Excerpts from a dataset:
■ ■ ■ ■ ■
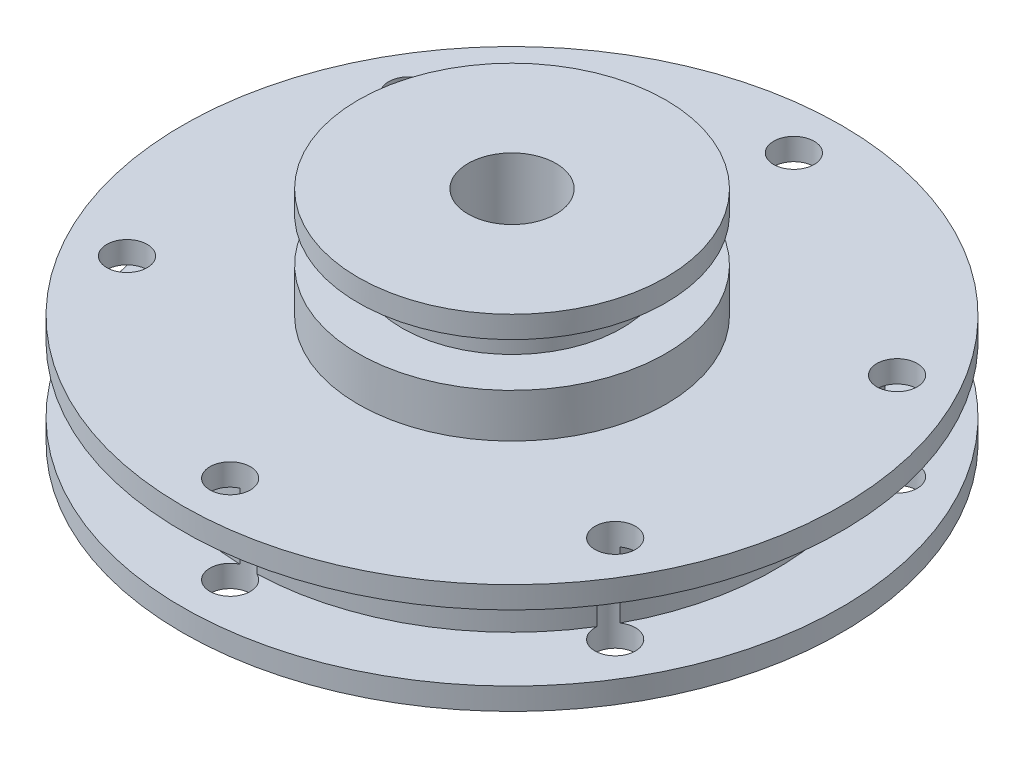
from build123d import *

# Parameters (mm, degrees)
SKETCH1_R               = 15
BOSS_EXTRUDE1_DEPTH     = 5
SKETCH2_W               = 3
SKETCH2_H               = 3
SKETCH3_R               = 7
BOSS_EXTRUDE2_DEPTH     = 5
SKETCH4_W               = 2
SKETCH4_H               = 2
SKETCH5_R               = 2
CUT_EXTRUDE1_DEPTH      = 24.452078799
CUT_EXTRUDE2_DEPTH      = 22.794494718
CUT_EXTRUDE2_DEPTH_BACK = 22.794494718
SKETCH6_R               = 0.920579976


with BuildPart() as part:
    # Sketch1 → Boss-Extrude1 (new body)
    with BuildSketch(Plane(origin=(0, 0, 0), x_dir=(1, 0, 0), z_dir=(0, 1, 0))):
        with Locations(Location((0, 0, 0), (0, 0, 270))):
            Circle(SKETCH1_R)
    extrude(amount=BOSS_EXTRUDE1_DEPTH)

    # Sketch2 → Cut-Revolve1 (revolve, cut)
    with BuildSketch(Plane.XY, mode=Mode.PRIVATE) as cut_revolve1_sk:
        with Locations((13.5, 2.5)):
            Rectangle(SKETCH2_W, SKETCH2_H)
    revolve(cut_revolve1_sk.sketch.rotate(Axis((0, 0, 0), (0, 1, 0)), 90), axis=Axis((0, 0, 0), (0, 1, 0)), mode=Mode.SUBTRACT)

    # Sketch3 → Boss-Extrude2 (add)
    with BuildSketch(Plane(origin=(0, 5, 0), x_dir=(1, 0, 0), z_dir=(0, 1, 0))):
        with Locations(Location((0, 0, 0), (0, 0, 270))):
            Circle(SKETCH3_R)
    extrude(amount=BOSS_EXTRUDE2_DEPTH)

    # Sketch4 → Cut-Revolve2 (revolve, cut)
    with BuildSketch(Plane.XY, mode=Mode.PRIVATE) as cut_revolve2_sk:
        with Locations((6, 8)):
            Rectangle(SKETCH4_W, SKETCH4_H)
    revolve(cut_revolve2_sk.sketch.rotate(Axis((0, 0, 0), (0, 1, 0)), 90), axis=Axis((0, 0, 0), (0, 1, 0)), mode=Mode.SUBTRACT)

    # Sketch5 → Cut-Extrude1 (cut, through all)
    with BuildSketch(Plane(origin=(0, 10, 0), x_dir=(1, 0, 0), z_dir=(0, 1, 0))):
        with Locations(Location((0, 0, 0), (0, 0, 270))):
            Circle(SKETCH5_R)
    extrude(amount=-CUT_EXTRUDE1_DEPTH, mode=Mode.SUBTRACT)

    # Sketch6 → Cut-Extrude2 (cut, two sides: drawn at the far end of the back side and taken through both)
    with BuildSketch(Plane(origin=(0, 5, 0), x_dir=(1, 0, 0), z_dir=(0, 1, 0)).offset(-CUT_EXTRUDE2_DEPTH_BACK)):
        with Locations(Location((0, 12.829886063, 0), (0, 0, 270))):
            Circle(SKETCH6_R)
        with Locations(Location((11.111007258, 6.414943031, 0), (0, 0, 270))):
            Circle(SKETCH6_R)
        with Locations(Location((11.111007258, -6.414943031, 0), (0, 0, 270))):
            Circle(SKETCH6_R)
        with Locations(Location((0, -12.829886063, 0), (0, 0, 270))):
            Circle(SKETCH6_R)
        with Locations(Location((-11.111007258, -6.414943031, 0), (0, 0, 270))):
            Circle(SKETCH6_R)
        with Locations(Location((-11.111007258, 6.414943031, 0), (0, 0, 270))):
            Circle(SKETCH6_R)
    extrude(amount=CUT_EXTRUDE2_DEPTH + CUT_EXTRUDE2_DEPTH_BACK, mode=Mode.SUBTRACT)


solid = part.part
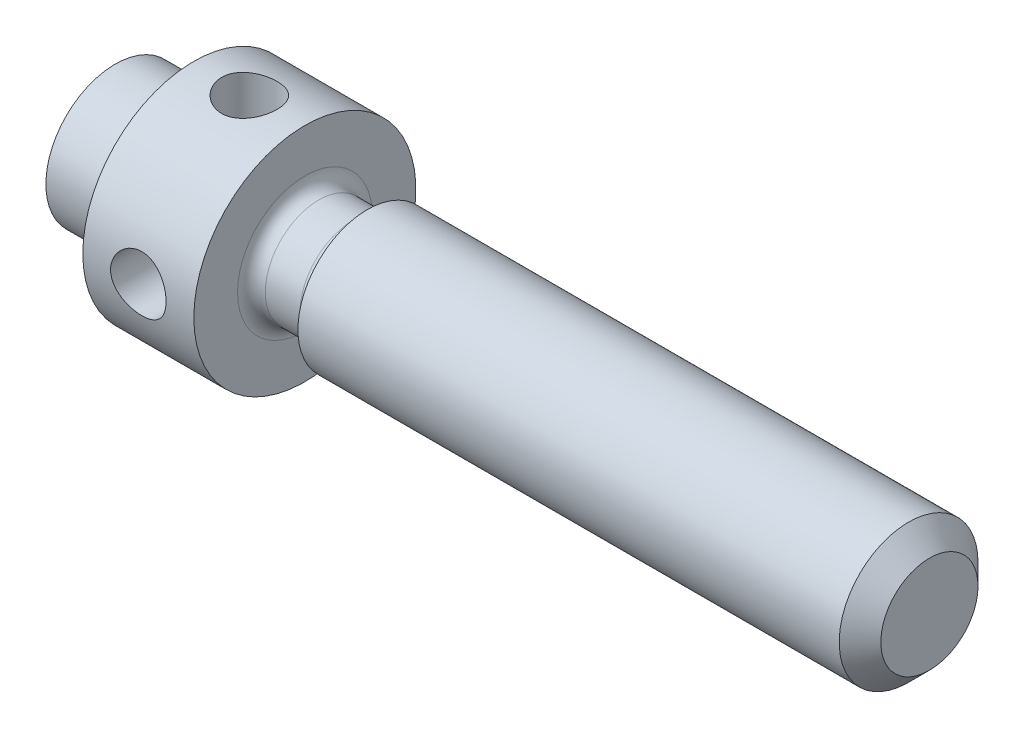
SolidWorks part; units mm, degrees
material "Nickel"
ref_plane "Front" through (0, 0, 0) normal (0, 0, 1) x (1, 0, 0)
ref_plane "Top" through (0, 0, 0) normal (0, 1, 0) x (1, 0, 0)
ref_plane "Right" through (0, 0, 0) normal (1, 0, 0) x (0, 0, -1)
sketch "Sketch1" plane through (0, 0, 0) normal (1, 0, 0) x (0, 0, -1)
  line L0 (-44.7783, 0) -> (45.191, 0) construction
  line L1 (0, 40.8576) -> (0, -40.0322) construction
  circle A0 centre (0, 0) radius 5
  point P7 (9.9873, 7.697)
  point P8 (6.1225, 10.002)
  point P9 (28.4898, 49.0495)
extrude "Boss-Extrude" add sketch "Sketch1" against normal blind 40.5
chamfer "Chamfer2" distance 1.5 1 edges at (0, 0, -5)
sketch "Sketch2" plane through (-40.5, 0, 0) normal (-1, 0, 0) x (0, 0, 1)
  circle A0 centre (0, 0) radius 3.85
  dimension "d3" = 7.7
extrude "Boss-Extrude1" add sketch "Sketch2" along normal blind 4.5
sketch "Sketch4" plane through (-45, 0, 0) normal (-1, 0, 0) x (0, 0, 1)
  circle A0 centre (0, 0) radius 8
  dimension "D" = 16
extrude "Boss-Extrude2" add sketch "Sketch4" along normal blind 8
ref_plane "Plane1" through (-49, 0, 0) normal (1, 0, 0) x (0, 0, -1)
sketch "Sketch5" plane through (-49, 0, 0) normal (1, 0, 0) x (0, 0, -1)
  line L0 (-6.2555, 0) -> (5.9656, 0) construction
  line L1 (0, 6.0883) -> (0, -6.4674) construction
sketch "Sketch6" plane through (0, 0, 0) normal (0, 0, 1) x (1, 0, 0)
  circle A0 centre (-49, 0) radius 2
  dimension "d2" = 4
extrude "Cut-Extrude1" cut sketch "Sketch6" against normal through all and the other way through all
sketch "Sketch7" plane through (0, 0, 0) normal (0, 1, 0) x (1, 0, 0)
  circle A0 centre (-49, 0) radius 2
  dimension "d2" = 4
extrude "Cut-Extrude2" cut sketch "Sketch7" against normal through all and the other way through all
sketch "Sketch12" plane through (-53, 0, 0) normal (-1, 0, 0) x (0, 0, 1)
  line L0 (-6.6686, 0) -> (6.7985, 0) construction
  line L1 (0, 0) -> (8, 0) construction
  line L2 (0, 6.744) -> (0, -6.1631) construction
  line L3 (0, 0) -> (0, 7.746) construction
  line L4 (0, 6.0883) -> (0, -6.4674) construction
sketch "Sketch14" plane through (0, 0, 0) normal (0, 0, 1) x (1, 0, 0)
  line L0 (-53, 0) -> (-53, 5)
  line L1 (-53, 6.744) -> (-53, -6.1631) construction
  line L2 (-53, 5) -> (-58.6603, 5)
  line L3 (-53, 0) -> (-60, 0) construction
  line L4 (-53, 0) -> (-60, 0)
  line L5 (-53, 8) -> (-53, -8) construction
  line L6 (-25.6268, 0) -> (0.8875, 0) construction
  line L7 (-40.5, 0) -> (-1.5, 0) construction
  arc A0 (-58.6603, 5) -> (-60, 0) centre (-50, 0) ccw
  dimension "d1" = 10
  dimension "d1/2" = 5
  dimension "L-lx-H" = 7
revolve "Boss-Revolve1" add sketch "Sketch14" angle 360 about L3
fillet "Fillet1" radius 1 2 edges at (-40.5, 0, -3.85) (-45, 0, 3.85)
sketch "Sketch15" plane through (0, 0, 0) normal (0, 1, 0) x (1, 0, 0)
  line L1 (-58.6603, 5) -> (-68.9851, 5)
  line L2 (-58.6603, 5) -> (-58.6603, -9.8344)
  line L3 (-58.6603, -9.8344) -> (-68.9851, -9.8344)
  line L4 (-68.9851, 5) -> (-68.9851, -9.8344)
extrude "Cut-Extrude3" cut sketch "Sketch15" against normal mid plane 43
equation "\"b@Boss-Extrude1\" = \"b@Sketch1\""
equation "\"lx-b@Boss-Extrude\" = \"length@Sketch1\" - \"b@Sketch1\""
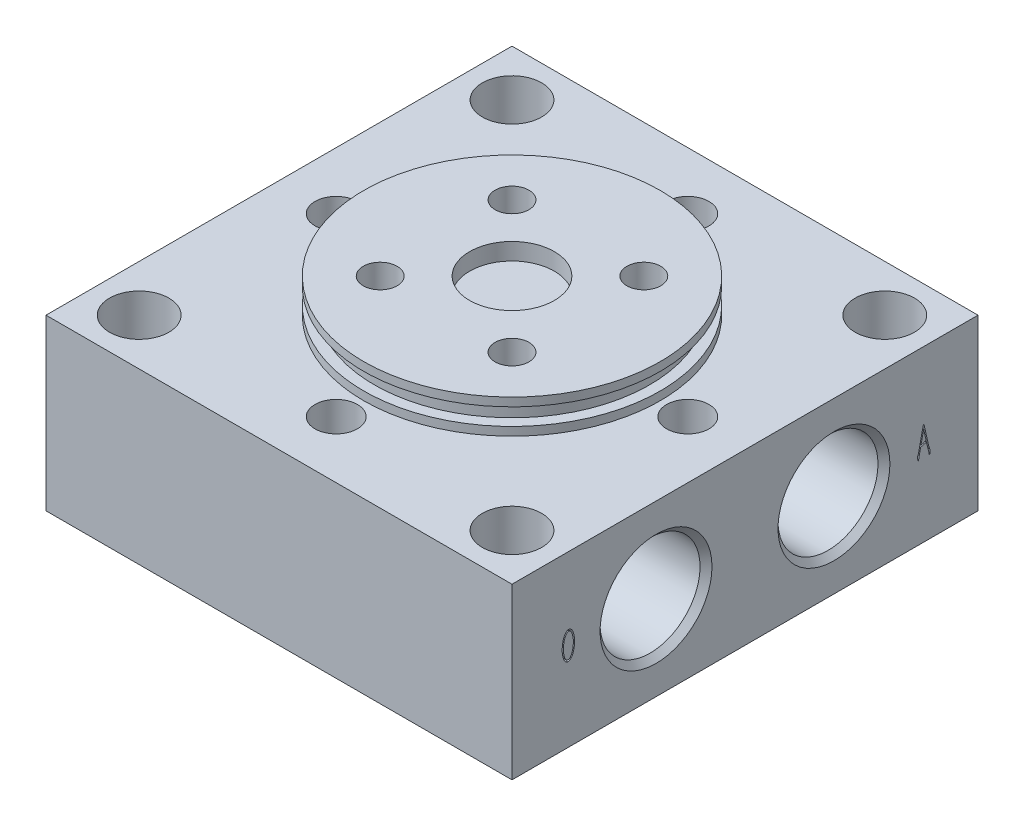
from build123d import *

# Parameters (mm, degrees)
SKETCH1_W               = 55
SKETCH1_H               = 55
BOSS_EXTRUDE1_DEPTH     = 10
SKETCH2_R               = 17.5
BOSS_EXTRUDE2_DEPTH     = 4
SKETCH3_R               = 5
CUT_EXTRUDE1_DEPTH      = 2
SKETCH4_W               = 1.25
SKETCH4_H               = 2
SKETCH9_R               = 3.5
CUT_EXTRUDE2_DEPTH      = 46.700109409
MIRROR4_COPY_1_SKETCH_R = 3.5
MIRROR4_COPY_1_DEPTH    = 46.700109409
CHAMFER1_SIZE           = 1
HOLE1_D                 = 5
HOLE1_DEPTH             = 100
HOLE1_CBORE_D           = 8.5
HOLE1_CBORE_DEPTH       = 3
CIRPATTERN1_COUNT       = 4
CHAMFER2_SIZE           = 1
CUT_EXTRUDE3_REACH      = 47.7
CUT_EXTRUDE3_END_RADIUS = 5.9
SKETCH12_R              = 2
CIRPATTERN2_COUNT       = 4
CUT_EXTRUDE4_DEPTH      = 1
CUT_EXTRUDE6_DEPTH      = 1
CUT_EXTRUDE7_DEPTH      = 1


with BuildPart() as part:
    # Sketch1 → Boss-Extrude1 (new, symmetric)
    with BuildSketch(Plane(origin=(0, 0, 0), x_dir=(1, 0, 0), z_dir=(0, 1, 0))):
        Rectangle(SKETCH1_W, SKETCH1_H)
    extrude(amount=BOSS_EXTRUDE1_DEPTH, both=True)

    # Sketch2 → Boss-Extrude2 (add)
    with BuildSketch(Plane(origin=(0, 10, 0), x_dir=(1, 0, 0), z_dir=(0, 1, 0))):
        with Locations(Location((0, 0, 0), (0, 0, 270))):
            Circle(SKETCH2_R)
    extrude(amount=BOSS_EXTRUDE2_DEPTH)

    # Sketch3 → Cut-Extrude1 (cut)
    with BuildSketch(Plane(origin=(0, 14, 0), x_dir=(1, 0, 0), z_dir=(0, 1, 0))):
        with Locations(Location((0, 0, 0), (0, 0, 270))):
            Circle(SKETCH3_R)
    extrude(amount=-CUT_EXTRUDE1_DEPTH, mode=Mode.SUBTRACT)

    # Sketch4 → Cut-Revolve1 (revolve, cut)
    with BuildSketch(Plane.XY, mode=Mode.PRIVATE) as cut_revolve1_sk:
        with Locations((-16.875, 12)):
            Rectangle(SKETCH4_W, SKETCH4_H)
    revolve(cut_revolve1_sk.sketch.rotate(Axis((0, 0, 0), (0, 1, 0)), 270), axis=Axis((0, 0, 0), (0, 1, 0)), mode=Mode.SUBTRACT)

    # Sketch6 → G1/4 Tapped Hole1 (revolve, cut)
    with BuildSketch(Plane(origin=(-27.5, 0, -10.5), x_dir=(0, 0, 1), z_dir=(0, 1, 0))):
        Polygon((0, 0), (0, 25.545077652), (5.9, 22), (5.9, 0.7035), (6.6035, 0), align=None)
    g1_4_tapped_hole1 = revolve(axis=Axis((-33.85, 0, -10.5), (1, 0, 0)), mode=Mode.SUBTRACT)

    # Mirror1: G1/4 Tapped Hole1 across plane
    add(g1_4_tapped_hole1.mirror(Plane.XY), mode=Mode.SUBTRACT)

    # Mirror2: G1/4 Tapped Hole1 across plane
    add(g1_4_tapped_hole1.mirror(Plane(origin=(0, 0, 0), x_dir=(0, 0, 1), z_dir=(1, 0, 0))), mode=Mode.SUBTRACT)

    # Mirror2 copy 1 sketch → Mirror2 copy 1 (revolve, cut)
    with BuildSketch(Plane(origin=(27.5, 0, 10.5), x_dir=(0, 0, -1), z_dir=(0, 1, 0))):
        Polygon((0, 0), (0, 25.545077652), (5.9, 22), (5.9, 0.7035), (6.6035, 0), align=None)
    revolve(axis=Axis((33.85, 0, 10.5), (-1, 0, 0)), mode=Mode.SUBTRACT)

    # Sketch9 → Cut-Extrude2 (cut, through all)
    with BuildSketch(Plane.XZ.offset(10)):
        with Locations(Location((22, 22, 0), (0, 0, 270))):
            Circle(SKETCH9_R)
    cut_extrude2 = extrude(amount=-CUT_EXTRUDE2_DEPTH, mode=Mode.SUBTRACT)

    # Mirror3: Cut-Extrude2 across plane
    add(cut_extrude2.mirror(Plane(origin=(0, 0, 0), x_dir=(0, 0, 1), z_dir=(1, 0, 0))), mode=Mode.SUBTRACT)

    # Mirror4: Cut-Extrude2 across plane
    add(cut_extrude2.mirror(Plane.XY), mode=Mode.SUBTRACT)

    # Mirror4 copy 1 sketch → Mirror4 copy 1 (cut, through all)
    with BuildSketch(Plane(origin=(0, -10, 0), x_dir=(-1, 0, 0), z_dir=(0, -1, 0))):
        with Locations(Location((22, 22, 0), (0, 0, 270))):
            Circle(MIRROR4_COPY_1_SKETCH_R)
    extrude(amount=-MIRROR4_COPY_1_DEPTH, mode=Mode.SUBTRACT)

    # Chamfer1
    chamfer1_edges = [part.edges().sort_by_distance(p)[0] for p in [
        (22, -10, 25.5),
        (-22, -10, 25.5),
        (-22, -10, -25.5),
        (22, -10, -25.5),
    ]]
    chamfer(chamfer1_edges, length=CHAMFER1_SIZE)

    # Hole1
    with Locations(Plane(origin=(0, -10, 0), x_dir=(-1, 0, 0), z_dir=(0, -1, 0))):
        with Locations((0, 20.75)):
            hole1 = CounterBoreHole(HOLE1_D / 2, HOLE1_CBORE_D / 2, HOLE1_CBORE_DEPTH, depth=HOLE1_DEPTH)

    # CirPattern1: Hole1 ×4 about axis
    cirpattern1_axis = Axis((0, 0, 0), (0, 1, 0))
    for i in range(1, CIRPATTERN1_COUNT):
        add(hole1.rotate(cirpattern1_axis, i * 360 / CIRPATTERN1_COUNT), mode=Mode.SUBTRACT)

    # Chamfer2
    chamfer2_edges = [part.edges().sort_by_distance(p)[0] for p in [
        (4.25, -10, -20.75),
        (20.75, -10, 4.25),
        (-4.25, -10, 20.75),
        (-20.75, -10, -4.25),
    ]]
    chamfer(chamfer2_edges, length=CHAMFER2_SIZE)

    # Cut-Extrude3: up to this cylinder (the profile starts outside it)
■ ■ ■ ■ ■
EXERCISE: Return a copy of each line in the entries that contains "equation".

TASK SOLUTION:
equation "\"b@Boss-Extrude1\" = \"b@Sketch1\""
equation "\"lx-b@Boss-Extrude\" = \"length@Sketch1\" - \"b@Sketch1\""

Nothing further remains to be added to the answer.